[Data to use — start]

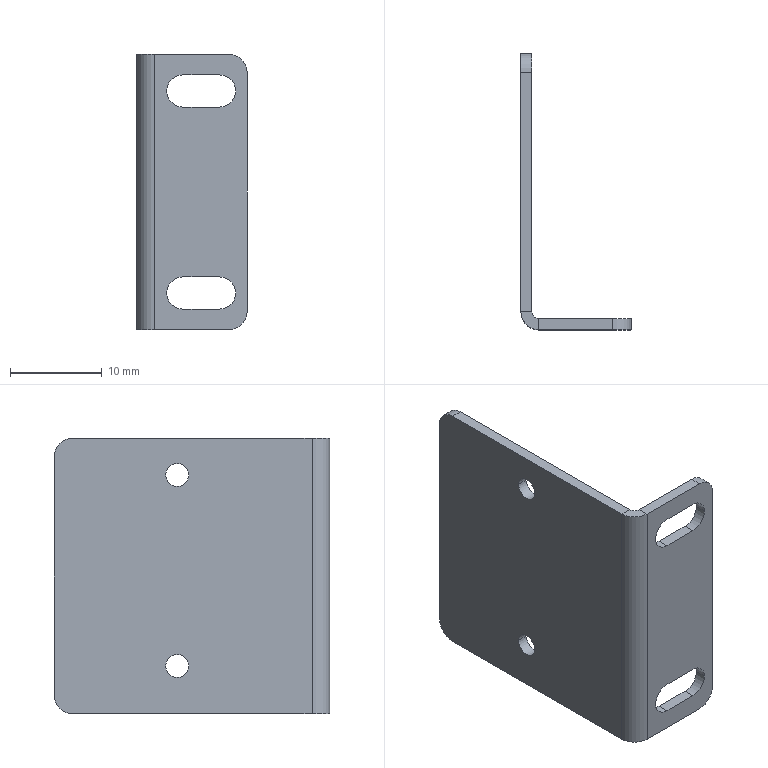Component | SolidWorks | SensorPlate7-1 | 1 solid | 32 faces | box 12 x 30 x 30 mm | volume 1376 mm3 | cylinder 16 | plane 16 | commonest cylinder face diameters 3.5 x6 2.5 x4 4 x4 3.873 x1 1.473 x1
STEP:
#1=COLOUR_RGB('',0.7922,0.8196,0.9333);
#2=FILL_AREA_STYLE_COLOUR('',#1);
#3=FILL_AREA_STYLE('',(#2));
#4=SURFACE_STYLE_FILL_AREA(#3);
#5=SURFACE_SIDE_STYLE('',(#4));
#6=SURFACE_STYLE_USAGE(.BOTH.,#5);
#7=PRESENTATION_STYLE_ASSIGNMENT((#6));
#8=CARTESIAN_POINT('',(-0.927,2.714,-3.325));
#9=VERTEX_POINT('',#8);
#10=CARTESIAN_POINT('',(-0.9958,2.714,-3.394));
#11=VERTEX_POINT('',#10);
#12=CARTESIAN_POINT('',(-0.9958,2.714,-3.325));
#13=DIRECTION('',(0.,1.,0.));
#14=DIRECTION('',(-1.,0.,0.));
#15=AXIS2_PLACEMENT_3D('',#12,#13,#14);
#16=CIRCLE('',#15,0.0689);
#17=EDGE_CURVE('',#9,#11,#16,.T.);
#18=ORIENTED_EDGE('',*,*,#17,.F.);
#19=CARTESIAN_POINT('',(-0.927,2.762,-3.325));
#20=VERTEX_POINT('',#19);
#21=CARTESIAN_POINT('',(-0.927,2.368,-3.325));
#22=DIRECTION('',(0.,1.,0.));
#23=VECTOR('',#22,39.37);
#24=LINE('',#21,#23);
#25=EDGE_CURVE('',#9,#20,#24,.T.);
#26=ORIENTED_EDGE('',*,*,#25,.T.);
#27=CARTESIAN_POINT('',(-0.9958,2.762,-3.394));
#28=VERTEX_POINT('',#27);
#29=CARTESIAN_POINT('',(-0.9958,2.762,-3.325));
#30=DIRECTION('',(-0.,-1.,-0.));
#31=DIRECTION('',(-1.,0.,0.));
#32=AXIS2_PLACEMENT_3D('',#29,#30,#31);
#33=CIRCLE('',#32,0.0689);
#34=EDGE_CURVE('',#28,#20,#33,.T.);
#35=ORIENTED_EDGE('',*,*,#34,.F.);
#36=CARTESIAN_POINT('',(-0.9958,2.368,-3.394));
#37=DIRECTION('',(0.,1.,0.));
#38=VECTOR('',#37,39.37);
#39=LINE('',#36,#38);
#40=EDGE_CURVE('',#11,#28,#39,.T.);
#41=ORIENTED_EDGE('',*,*,#40,.F.);
#42=EDGE_LOOP('',(#18,#26,#35,#41));
#43=FACE_OUTER_BOUND('',#42,.T.);
#44=CARTESIAN_POINT('',(-0.9958,2.368,-3.325));
#45=DIRECTION('',(0.,1.,0.));
#46=DIRECTION('',(1.,0.,0.));
#47=AXIS2_PLACEMENT_3D('',#44,#45,#46);
#48=CYLINDRICAL_SURFACE('',#47,0.0689);
#49=ADVANCED_FACE('',(#43),#48,.F.);
#50=CARTESIAN_POINT('',(-0.9958,2.714,-4.26));
#51=VERTEX_POINT('',#50);
#52=CARTESIAN_POINT('',(-0.927,2.714,-4.191));
#53=VERTEX_POINT('',#52);
#54=CARTESIAN_POINT('',(-0.9958,2.714,-4.191));
#55=DIRECTION('',(-0.,-1.,-0.));
#56=DIRECTION('',(-1.,0.,0.));
#57=AXIS2_PLACEMENT_3D('',#54,#55,#56);
#58=CIRCLE('',#57,0.0689);
#59=EDGE_CURVE('',#51,#53,#58,.T.);
#60=ORIENTED_EDGE('',*,*,#59,.T.);
#61=CARTESIAN_POINT('',(-0.927,2.762,-4.191));
#62=VERTEX_POINT('',#61);
#63=CARTESIAN_POINT('',(-0.927,2.368,-4.191));
#64=DIRECTION('',(0.,1.,0.));
#65=VECTOR('',#64,39.37);
#66=LINE('',#63,#65);
#67=EDGE_CURVE('',#53,#62,#66,.T.);
#68=ORIENTED_EDGE('',*,*,#67,.T.);
#69=CARTESIAN_POINT('',(-0.9958,2.762,-4.26));
#70=VERTEX_POINT('',#69);
#71=CARTESIAN_POINT('',(-0.9958,2.762,-4.191));
#72=DIRECTION('',(0.,1.,0.));
#73=DIRECTION('',(1.,0.,0.));
#74=AXIS2_PLACEMENT_3D('',#71,#72,#73);
#75=CIRCLE('',#74,0.0689);
#76=EDGE_CURVE('',#62,#70,#75,.T.);
#77=ORIENTED_EDGE('',*,*,#76,.T.);
#78=CARTESIAN_POINT('',(-0.9958,2.368,-4.26));
#79=DIRECTION('',(0.,1.,0.));
#80=VECTOR('',#79,39.37);
#81=LINE('',#78,#80);
#82=EDGE_CURVE('',#51,#70,#81,.T.);
#83=ORIENTED_EDGE('',*,*,#82,.F.);
#84=EDGE_LOOP('',(#60,#68,#77,#83));
#85=FACE_OUTER_BOUND('',#84,.T.);
#86=CARTESIAN_POINT('',(-0.9958,2.368,-4.191));
#87=DIRECTION('',(0.,1.,0.));
#88=DIRECTION('',(1.,0.,0.));
#89=AXIS2_PLACEMENT_3D('',#86,#87,#88);
#90=CYLINDRICAL_SURFACE('',#89,0.0689);
#91=ADVANCED_FACE('',(#85),#90,.F.);
#92=CARTESIAN_POINT('',(-1.303,3.417,-4.144));
#93=VERTEX_POINT('',#92);
#94=CARTESIAN_POINT('',(-1.303,3.319,-4.144));
#95=VERTEX_POINT('',#94);
#96=CARTESIAN_POINT('',(-1.303,3.368,-4.144));
#97=DIRECTION('',(1.,0.,-0.));
#98=DIRECTION('',(0.,-1.,0.));
#99=AXIS2_PLACEMENT_3D('',#96,#97,#98);
#100=CIRCLE('',#99,0.04921);
#101=EDGE_CURVE('',#93,#95,#100,.T.);
#102=ORIENTED_EDGE('',*,*,#101,.T.);
#103=CARTESIAN_POINT('',(-1.35,3.319,-4.144));
#104=VERTEX_POINT('',#103);
#105=CARTESIAN_POINT('',(-1.35,3.319,-4.144));
#106=DIRECTION('',(-1.,-0.,0.));
#107=VECTOR('',#106,39.37);
#108=LINE('',#105,#107);
#109=EDGE_CURVE('',#95,#104,#108,.T.);
#110=ORIENTED_EDGE('',*,*,#109,.T.);
#111=CARTESIAN_POINT('',(-1.35,3.417,-4.144));
#112=VERTEX_POINT('',#111);
#113=CARTESIAN_POINT('',(-1.35,3.368,-4.144));
#114=DIRECTION('',(-1.,-0.,0.));
#115=DIRECTION('',(0.,1.,0.));
#116=AXIS2_PLACEMENT_3D('',#113,#114,#115);
#117=CIRCLE('',#116,0.04921);
#118=EDGE_CURVE('',#104,#112,#117,.T.);
#119=ORIENTED_EDGE('',*,*,#118,.T.);
#120=CARTESIAN_POINT('',(-1.35,3.417,-4.144));
#121=DIRECTION('',(-1.,-0.,0.));
#122=VECTOR('',#121,39.37);
#123=LINE('',#120,#122);
#124=EDGE_CURVE('',#93,#112,#123,.T.);
#125=ORIENTED_EDGE('',*,*,#124,.F.);
#126=EDGE_LOOP('',(#102,#110,#119,#125));
#127=FACE_OUTER_BOUND('',#126,.T.);
#128=CARTESIAN_POINT('',(-1.35,3.368,-4.144));
#129=DIRECTION('',(-1.,-0.,0.));
#130=DIRECTION('',(0.,1.,0.));
#131=AXIS2_PLACEMENT_3D('',#128,#129,#130);
#132=CYLINDRICAL_SURFACE('',#131,0.04921);
#133=ADVANCED_FACE('',(#127),#132,.F.);
#134=CARTESIAN_POINT('',(-1.303,3.417,-3.325));
#135=VERTEX_POINT('',#134);
#136=CARTESIAN_POINT('',(-1.303,3.319,-3.325));
#137=VERTEX_POINT('',#136);
#138=CARTESIAN_POINT('',(-1.303,3.368,-3.325));
#139=DIRECTION('',(1.,0.,-0.));
#140=DIRECTION('',(0.,-1.,0.));
#141=AXIS2_PLACEMENT_3D('',#138,#139,#140);
#142=CIRCLE('',#141,0.04921);
#143=EDGE_CURVE('',#135,#137,#142,.T.);
#144=ORIENTED_EDGE('',*,*,#143,.T.);
#145=CARTESIAN_POINT('',(-1.35,3.319,-3.325));
#146=VERTEX_POINT('',#145);
#147=CARTESIAN_POINT('',(-1.35,3.319,-3.325));
#148=DIRECTION('',(-1.,-0.,0.));
#149=VECTOR('',#148,39.37);
#150=LINE('',#147,#149);
#151=EDGE_CURVE('',#137,#146,#150,.T.);
#152=ORIENTED_EDGE('',*,*,#151,.T.);
#153=CARTESIAN_POINT('',(-1.35,3.417,-3.325));
#154=VERTEX_POINT('',#153);
#155=CARTESIAN_POINT('',(-1.35,3.368,-3.325));
#156=DIRECTION('',(-1.,-0.,0.));
#157=DIRECTION('',(0.,1.,0.));
#158=AXIS2_PLACEMENT_3D('',#155,#156,#157);
#159=CIRCLE('',#158,0.04921);
#160=EDGE_CURVE('',#146,#154,#159,.T.);
#161=ORIENTED_EDGE('',*,*,#160,.T.);
#162=CARTESIAN_POINT('',(-1.35,3.417,-3.325));
#163=DIRECTION('',(-1.,-0.,0.));
#164=VECTOR('',#163,39.37);
#165=LINE('',#162,#164);
#166=EDGE_CURVE('',#135,#154,#165,.T.);
#167=ORIENTED_EDGE('',*,*,#166,.F.);
#168=EDGE_LOOP('',(#144,#152,#161,#167));
#169=FACE_OUTER_BOUND('',#168,.T.);
#170=CARTESIAN_POINT('',(-1.35,3.368,-3.325));
#171=DIRECTION('',(-1.,-0.,0.));
#172=DIRECTION('',(0.,1.,0.));
#173=AXIS2_PLACEMENT_3D('',#170,#171,#172);
#174=CYLINDRICAL_SURFACE('',#173,0.04921);
#175=ADVANCED_FACE('',(#169),#174,.F.);
#176=ORIENTED_EDGE('',*,*,#59,.F.);
#177=CARTESIAN_POINT('',(-1.153,2.714,-4.26));
#178=VERTEX_POINT('',#177);
#179=CARTESIAN_POINT('',(-1.303,2.714,-4.26));
#180=DIRECTION('',(1.,-0.,0.));
#181=VECTOR('',#180,39.37);
#182=LINE('',#179,#181);
#183=EDGE_CURVE('',#178,#51,#182,.T.);
#184=ORIENTED_EDGE('',*,*,#183,.F.);
#185=CARTESIAN_POINT('',(-1.153,2.714,-4.122));
#186=VERTEX_POINT('',#185);
#187=CARTESIAN_POINT('',(-1.153,2.714,-4.191));
#188=DIRECTION('',(-0.,-1.,-0.));
#189=DIRECTION('',(-1.,0.,0.));
#190=AXIS2_PLACEMENT_3D('',#187,#188,#189);
#191=CIRCLE('',#190,0.0689);
#192=EDGE_CURVE('',#186,#178,#191,.T.);
#193=ORIENTED_EDGE('',*,*,#192,.F.);
#194=CARTESIAN_POINT('',(-0.9958,2.714,-4.122));
#195=VERTEX_POINT('',#194);
#196=CARTESIAN_POINT('',(-1.303,2.714,-4.122));
#197=DIRECTION('',(1.,-0.,-0.));
#198=VECTOR('',#197,39.37);
#199=LINE('',#196,#198);
#200=EDGE_CURVE('',#186,#195,#199,.T.);
#201=ORIENTED_EDGE('',*,*,#200,.T.);
#202=CARTESIAN_POINT('',(-0.9958,2.714,-4.191));
#203=DIRECTION('',(-0.,-1.,-0.));
#204=DIRECTION('',(-1.,0.,0.));
#205=AXIS2_PLACEMENT_3D('',#202,#203,#204);
#206=CIRCLE('',#205,0.0689);
#207=EDGE_CURVE('',#53,#195,#206,.T.);
#208=ORIENTED_EDGE('',*,*,#207,.F.);
#209=EDGE_LOOP('',(#176,#184,#193,#201,#208));
#210=FACE_BOUND('',#209,.T.);
#211=CARTESIAN_POINT('',(-0.9565,2.714,-4.348));
#212=VERTEX_POINT('',#211);
#213=CARTESIAN_POINT('',(-1.274,2.714,-4.348));
#214=VERTEX_POINT('',#213);
#215=CARTESIAN_POINT('',(-1.303,2.714,-4.348));
#216=DIRECTION('',(-1.,0.,0.));
#217=VECTOR('',#216,39.37);
#218=LINE('',#215,#217);
#219=EDGE_CURVE('',#212,#214,#218,.T.);
#220=ORIENTED_EDGE('',*,*,#219,.F.);
#221=CARTESIAN_POINT('',(-0.8777,2.714,-4.27));
#222=VERTEX_POINT('',#221);
#223=CARTESIAN_POINT('',(-0.9565,2.714,-4.27));
#224=DIRECTION('',(-0.,-1.,-0.));
#225=DIRECTION('',(-1.,0.,0.));
#226=AXIS2_PLACEMENT_3D('',#223,#224,#225);
#227=CIRCLE('',#226,0.07874);
#228=EDGE_CURVE('',#212,#222,#227,.T.);
#229=ORIENTED_EDGE('',*,*,#228,.T.);
#230=CARTESIAN_POINT('',(-0.8777,2.714,-3.246));
#231=VERTEX_POINT('',#230);
#232=CARTESIAN_POINT('',(-0.8777,2.714,-4.348));
#233=DIRECTION('',(-0.,0.,-1.));
#234=VECTOR('',#233,39.37);
#235=LINE('',#232,#234);
#236=EDGE_CURVE('',#231,#222,#235,.T.);
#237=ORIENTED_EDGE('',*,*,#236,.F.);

[Data to use — finish]

## How to complete this task
Would you copy out exactly the lines above that start at the one containing "#65=VECTOR('',#64,39.37);" and end at the one containing "#99=AXIS2_PLACEMENT_3D('',#96,#97,#98);", inclusive?

## Worked solution
#65=VECTOR('',#64,39.37);
#66=LINE('',#63,#65);
#67=EDGE_CURVE('',#53,#62,#66,.T.);
#68=ORIENTED_EDGE('',*,*,#67,.T.);
#69=CARTESIAN_POINT('',(-0.9958,2.762,-4.26));
#70=VERTEX_POINT('',#69);
#71=CARTESIAN_POINT('',(-0.9958,2.762,-4.191));
#72=DIRECTION('',(0.,1.,0.));
#73=DIRECTION('',(1.,0.,0.));
#74=AXIS2_PLACEMENT_3D('',#71,#72,#73);
#75=CIRCLE('',#74,0.0689);
#76=EDGE_CURVE('',#62,#70,#75,.T.);
#77=ORIENTED_EDGE('',*,*,#76,.T.);
#78=CARTESIAN_POINT('',(-0.9958,2.368,-4.26));
#79=DIRECTION('',(0.,1.,0.));
#80=VECTOR('',#79,39.37);
#81=LINE('',#78,#80);
#82=EDGE_CURVE('',#51,#70,#81,.T.);
#83=ORIENTED_EDGE('',*,*,#82,.F.);
#84=EDGE_LOOP('',(#60,#68,#77,#83));
#85=FACE_OUTER_BOUND('',#84,.T.);
#86=CARTESIAN_POINT('',(-0.9958,2.368,-4.191));
#87=DIRECTION('',(0.,1.,0.));
#88=DIRECTION('',(1.,0.,0.));
#89=AXIS2_PLACEMENT_3D('',#86,#87,#88);
#90=CYLINDRICAL_SURFACE('',#89,0.0689);
#91=ADVANCED_FACE('',(#85),#90,.F.);
#92=CARTESIAN_POINT('',(-1.303,3.417,-4.144));
#93=VERTEX_POINT('',#92);
#94=CARTESIAN_POINT('',(-1.303,3.319,-4.144));
#95=VERTEX_POINT('',#94);
#96=CARTESIAN_POINT('',(-1.303,3.368,-4.144));
#97=DIRECTION('',(1.,0.,-0.));
#98=DIRECTION('',(0.,-1.,0.));
#99=AXIS2_PLACEMENT_3D('',#96,#97,#98);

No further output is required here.